#### EXERCISE PROMPT:
All entries must be repeated exactly. No picture should appear in the result.

Data records:
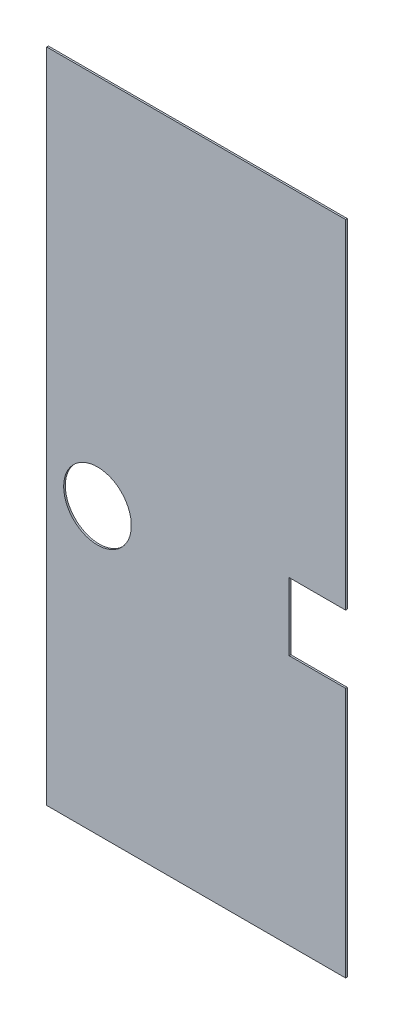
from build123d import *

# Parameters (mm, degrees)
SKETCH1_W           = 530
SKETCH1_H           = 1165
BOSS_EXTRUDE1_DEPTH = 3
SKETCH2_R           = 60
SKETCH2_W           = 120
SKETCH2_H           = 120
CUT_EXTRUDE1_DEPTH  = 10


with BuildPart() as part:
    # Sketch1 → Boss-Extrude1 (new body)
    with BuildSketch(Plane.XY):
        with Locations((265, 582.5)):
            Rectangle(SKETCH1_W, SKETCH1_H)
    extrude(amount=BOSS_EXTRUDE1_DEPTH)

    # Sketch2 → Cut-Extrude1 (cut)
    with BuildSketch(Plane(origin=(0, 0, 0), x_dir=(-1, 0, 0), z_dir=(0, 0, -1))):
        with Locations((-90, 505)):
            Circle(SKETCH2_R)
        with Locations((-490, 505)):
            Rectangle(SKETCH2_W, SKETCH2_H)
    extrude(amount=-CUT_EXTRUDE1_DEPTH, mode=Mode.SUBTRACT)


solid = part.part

#### TASK SOLUTION:
from build123d import *

# Parameters (mm, degrees)
SKETCH1_W           = 530
SKETCH1_H           = 1165
BOSS_EXTRUDE1_DEPTH = 3
SKETCH2_R           = 60
SKETCH2_W           = 120
SKETCH2_H           = 120
CUT_EXTRUDE1_DEPTH  = 10


with BuildPart() as part:
    # Sketch1 → Boss-Extrude1 (new body)
    with BuildSketch(Plane.XY):
        with Locations((265, 582.5)):
            Rectangle(SKETCH1_W, SKETCH1_H)
    extrude(amount=BOSS_EXTRUDE1_DEPTH)

    # Sketch2 → Cut-Extrude1 (cut)
    with BuildSketch(Plane(origin=(0, 0, 0), x_dir=(-1, 0, 0), z_dir=(0, 0, -1))):
        with Locations((-90, 505)):
            Circle(SKETCH2_R)
        with Locations((-490, 505)):
            Rectangle(SKETCH2_W, SKETCH2_H)
    extrude(amount=-CUT_EXTRUDE1_DEPTH, mode=Mode.SUBTRACT)


solid = part.part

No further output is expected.